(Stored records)
== Segment start ==
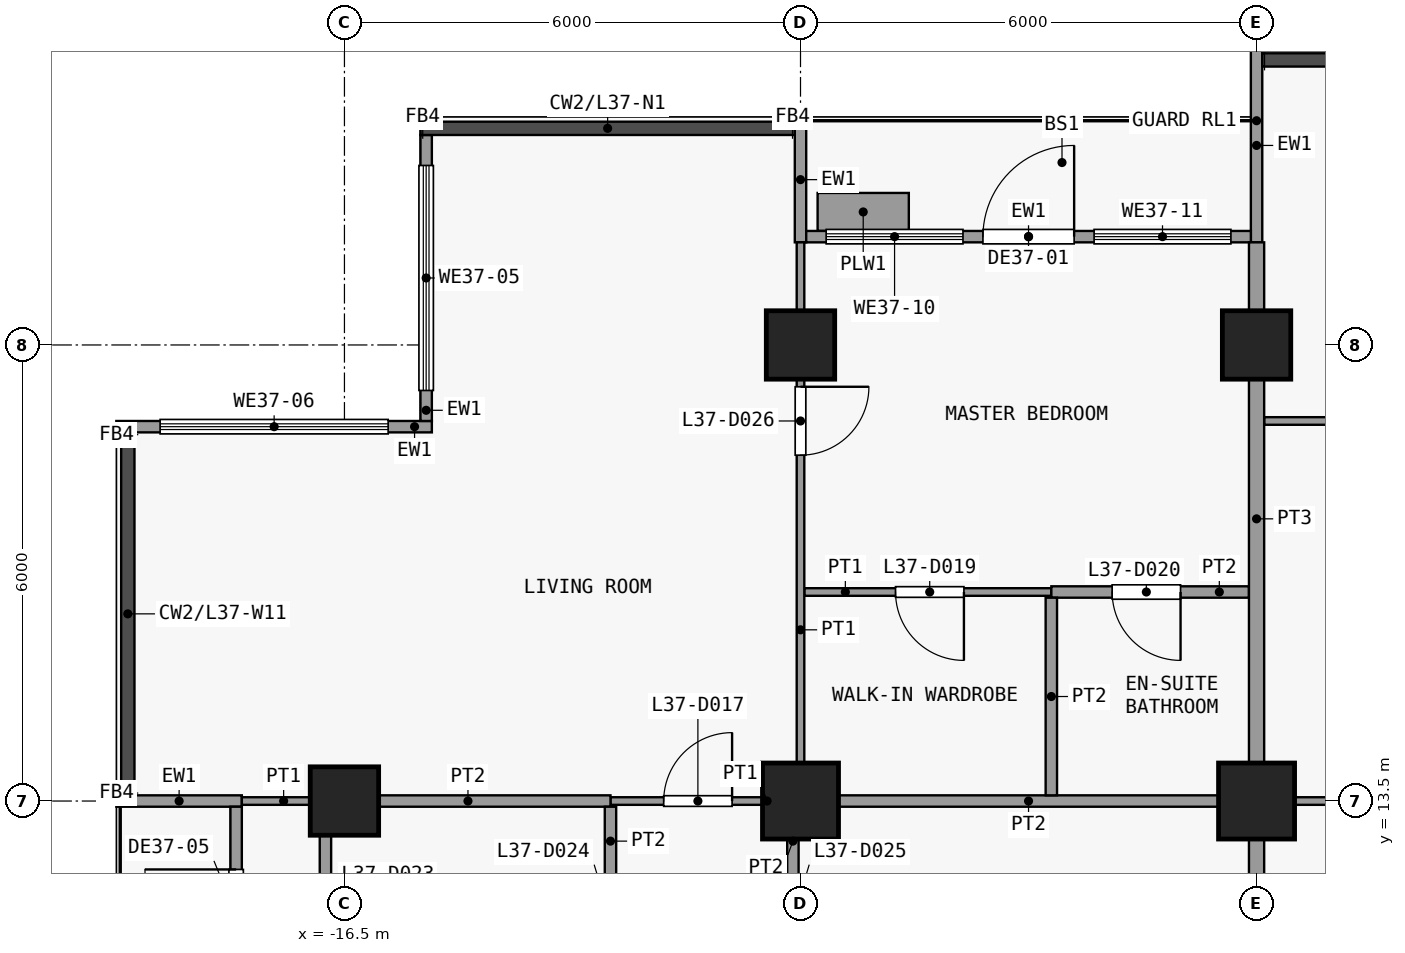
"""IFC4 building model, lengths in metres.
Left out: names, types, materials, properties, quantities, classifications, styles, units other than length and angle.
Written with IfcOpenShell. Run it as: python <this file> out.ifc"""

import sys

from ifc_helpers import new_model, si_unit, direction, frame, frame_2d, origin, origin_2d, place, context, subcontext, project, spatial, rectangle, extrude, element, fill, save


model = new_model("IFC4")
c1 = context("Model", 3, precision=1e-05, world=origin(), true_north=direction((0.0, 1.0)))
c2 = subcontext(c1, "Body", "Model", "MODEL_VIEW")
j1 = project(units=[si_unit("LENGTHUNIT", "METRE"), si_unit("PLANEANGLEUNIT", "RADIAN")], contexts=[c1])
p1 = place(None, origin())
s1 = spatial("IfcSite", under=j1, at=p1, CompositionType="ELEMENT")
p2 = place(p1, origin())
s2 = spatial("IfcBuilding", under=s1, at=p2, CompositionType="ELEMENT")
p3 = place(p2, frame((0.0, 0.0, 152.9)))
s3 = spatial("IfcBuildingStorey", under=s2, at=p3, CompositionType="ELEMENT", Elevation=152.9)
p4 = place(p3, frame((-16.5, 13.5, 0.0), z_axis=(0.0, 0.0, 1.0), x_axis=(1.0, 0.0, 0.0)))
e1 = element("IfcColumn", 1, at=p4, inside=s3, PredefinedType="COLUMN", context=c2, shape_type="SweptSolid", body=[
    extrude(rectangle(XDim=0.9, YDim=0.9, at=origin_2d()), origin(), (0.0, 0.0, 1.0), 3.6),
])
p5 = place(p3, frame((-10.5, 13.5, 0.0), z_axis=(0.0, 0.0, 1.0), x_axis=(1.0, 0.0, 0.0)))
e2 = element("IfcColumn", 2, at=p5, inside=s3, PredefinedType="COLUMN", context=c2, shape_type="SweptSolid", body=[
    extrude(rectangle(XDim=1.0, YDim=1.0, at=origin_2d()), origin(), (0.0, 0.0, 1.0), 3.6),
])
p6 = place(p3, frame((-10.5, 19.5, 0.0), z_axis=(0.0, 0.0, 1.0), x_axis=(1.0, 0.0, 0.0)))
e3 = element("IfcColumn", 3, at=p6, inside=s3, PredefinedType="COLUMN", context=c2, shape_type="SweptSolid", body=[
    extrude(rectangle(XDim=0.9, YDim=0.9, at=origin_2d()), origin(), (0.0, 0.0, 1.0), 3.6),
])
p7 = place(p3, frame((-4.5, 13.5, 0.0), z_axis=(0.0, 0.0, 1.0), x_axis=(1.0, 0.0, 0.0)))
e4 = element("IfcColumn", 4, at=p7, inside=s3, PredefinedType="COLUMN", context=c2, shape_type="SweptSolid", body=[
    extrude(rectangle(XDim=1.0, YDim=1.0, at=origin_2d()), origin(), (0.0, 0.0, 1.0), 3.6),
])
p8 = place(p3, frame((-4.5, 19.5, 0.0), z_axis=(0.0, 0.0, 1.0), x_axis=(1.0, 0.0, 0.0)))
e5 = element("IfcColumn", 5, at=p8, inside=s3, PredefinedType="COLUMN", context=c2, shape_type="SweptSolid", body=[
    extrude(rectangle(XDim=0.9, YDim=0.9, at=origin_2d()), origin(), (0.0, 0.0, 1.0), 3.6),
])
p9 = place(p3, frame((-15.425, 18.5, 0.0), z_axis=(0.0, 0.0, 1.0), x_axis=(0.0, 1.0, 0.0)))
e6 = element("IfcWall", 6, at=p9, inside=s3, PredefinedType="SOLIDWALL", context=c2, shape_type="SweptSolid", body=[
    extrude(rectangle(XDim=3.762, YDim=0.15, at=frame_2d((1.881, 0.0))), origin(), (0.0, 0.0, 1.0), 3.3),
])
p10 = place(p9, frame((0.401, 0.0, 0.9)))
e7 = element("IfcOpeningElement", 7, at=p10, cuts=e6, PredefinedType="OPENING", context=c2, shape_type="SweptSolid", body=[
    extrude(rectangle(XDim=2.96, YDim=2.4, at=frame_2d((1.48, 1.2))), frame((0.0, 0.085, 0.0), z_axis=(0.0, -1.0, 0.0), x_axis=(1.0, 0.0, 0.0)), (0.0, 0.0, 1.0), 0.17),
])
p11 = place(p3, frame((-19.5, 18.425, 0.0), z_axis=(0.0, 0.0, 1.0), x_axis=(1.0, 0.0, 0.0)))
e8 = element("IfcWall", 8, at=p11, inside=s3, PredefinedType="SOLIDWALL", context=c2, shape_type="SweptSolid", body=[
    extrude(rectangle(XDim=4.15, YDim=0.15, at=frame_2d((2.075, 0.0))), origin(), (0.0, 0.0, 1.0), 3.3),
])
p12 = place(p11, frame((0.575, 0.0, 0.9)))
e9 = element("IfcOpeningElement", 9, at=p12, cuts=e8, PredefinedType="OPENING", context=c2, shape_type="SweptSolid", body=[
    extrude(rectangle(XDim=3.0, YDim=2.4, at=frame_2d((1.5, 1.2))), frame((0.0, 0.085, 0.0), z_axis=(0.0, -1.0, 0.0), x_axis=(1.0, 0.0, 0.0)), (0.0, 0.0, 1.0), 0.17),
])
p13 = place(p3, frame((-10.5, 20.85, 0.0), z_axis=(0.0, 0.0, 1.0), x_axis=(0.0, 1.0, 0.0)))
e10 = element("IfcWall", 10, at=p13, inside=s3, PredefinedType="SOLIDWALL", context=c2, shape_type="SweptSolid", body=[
== Segment end ==
[Your task]: Produce the data again character for character, with the images left out.

[Reply to the task]:
"""IFC4 building model, lengths in metres.
Left out: names, types, materials, properties, quantities, classifications, styles, units other than length and angle.
Written with IfcOpenShell. Run it as: python <this file> out.ifc"""

import sys

from ifc_helpers import new_model, si_unit, direction, frame, frame_2d, origin, origin_2d, place, context, subcontext, project, spatial, rectangle, extrude, element, fill, save


model = new_model("IFC4")
c1 = context("Model", 3, precision=1e-05, world=origin(), true_north=direction((0.0, 1.0)))
c2 = subcontext(c1, "Body", "Model", "MODEL_VIEW")
j1 = project(units=[si_unit("LENGTHUNIT", "METRE"), si_unit("PLANEANGLEUNIT", "RADIAN")], contexts=[c1])
p1 = place(None, origin())
s1 = spatial("IfcSite", under=j1, at=p1, CompositionType="ELEMENT")
p2 = place(p1, origin())
s2 = spatial("IfcBuilding", under=s1, at=p2, CompositionType="ELEMENT")
p3 = place(p2, frame((0.0, 0.0, 152.9)))
s3 = spatial("IfcBuildingStorey", under=s2, at=p3, CompositionType="ELEMENT", Elevation=152.9)
p4 = place(p3, frame((-16.5, 13.5, 0.0), z_axis=(0.0, 0.0, 1.0), x_axis=(1.0, 0.0, 0.0)))
e1 = element("IfcColumn", 1, at=p4, inside=s3, PredefinedType="COLUMN", context=c2, shape_type="SweptSolid", body=[
    extrude(rectangle(XDim=0.9, YDim=0.9, at=origin_2d()), origin(), (0.0, 0.0, 1.0), 3.6),
])
p5 = place(p3, frame((-10.5, 13.5, 0.0), z_axis=(0.0, 0.0, 1.0), x_axis=(1.0, 0.0, 0.0)))
e2 = element("IfcColumn", 2, at=p5, inside=s3, PredefinedType="COLUMN", context=c2, shape_type="SweptSolid", body=[
    extrude(rectangle(XDim=1.0, YDim=1.0, at=origin_2d()), origin(), (0.0, 0.0, 1.0), 3.6),
])
p6 = place(p3, frame((-10.5, 19.5, 0.0), z_axis=(0.0, 0.0, 1.0), x_axis=(1.0, 0.0, 0.0)))
e3 = element("IfcColumn", 3, at=p6, inside=s3, PredefinedType="COLUMN", context=c2, shape_type="SweptSolid", body=[
    extrude(rectangle(XDim=0.9, YDim=0.9, at=origin_2d()), origin(), (0.0, 0.0, 1.0), 3.6),
])
p7 = place(p3, frame((-4.5, 13.5, 0.0), z_axis=(0.0, 0.0, 1.0), x_axis=(1.0, 0.0, 0.0)))
e4 = element("IfcColumn", 4, at=p7, inside=s3, PredefinedType="COLUMN", context=c2, shape_type="SweptSolid", body=[
    extrude(rectangle(XDim=1.0, YDim=1.0, at=origin_2d()), origin(), (0.0, 0.0, 1.0), 3.6),
])
p8 = place(p3, frame((-4.5, 19.5, 0.0), z_axis=(0.0, 0.0, 1.0), x_axis=(1.0, 0.0, 0.0)))
e5 = element("IfcColumn", 5, at=p8, inside=s3, PredefinedType="COLUMN", context=c2, shape_type="SweptSolid", body=[
    extrude(rectangle(XDim=0.9, YDim=0.9, at=origin_2d()), origin(), (0.0, 0.0, 1.0), 3.6),
])
p9 = place(p3, frame((-15.425, 18.5, 0.0), z_axis=(0.0, 0.0, 1.0), x_axis=(0.0, 1.0, 0.0)))
e6 = element("IfcWall", 6, at=p9, inside=s3, PredefinedType="SOLIDWALL", context=c2, shape_type="SweptSolid", body=[
    extrude(rectangle(XDim=3.762, YDim=0.15, at=frame_2d((1.881, 0.0))), origin(), (0.0, 0.0, 1.0), 3.3),
])
p10 = place(p9, frame((0.401, 0.0, 0.9)))
e7 = element("IfcOpeningElement", 7, at=p10, cuts=e6, PredefinedType="OPENING", context=c2, shape_type="SweptSolid", body=[
    extrude(rectangle(XDim=2.96, YDim=2.4, at=frame_2d((1.48, 1.2))), frame((0.0, 0.085, 0.0), z_axis=(0.0, -1.0, 0.0), x_axis=(1.0, 0.0, 0.0)), (0.0, 0.0, 1.0), 0.17),
])
p11 = place(p3, frame((-19.5, 18.425, 0.0), z_axis=(0.0, 0.0, 1.0), x_axis=(1.0, 0.0, 0.0)))
e8 = element("IfcWall", 8, at=p11, inside=s3, PredefinedType="SOLIDWALL", context=c2, shape_type="SweptSolid", body=[
    extrude(rectangle(XDim=4.15, YDim=0.15, at=frame_2d((2.075, 0.0))), origin(), (0.0, 0.0, 1.0), 3.3),
])
p12 = place(p11, frame((0.575, 0.0, 0.9)))
e9 = element("IfcOpeningElement", 9, at=p12, cuts=e8, PredefinedType="OPENING", context=c2, shape_type="SweptSolid", body=[
    extrude(rectangle(XDim=3.0, YDim=2.4, at=frame_2d((1.5, 1.2))), frame((0.0, 0.085, 0.0), z_axis=(0.0, -1.0, 0.0), x_axis=(1.0, 0.0, 0.0)), (0.0, 0.0, 1.0), 0.17),
])
p13 = place(p3, frame((-10.5, 20.85, 0.0), z_axis=(0.0, 0.0, 1.0), x_axis=(0.0, 1.0, 0.0)))
e10 = element("IfcWall", 10, at=p13, inside=s3, PredefinedType="SOLIDWALL", context=c2, shape_type="SweptSolid", body=[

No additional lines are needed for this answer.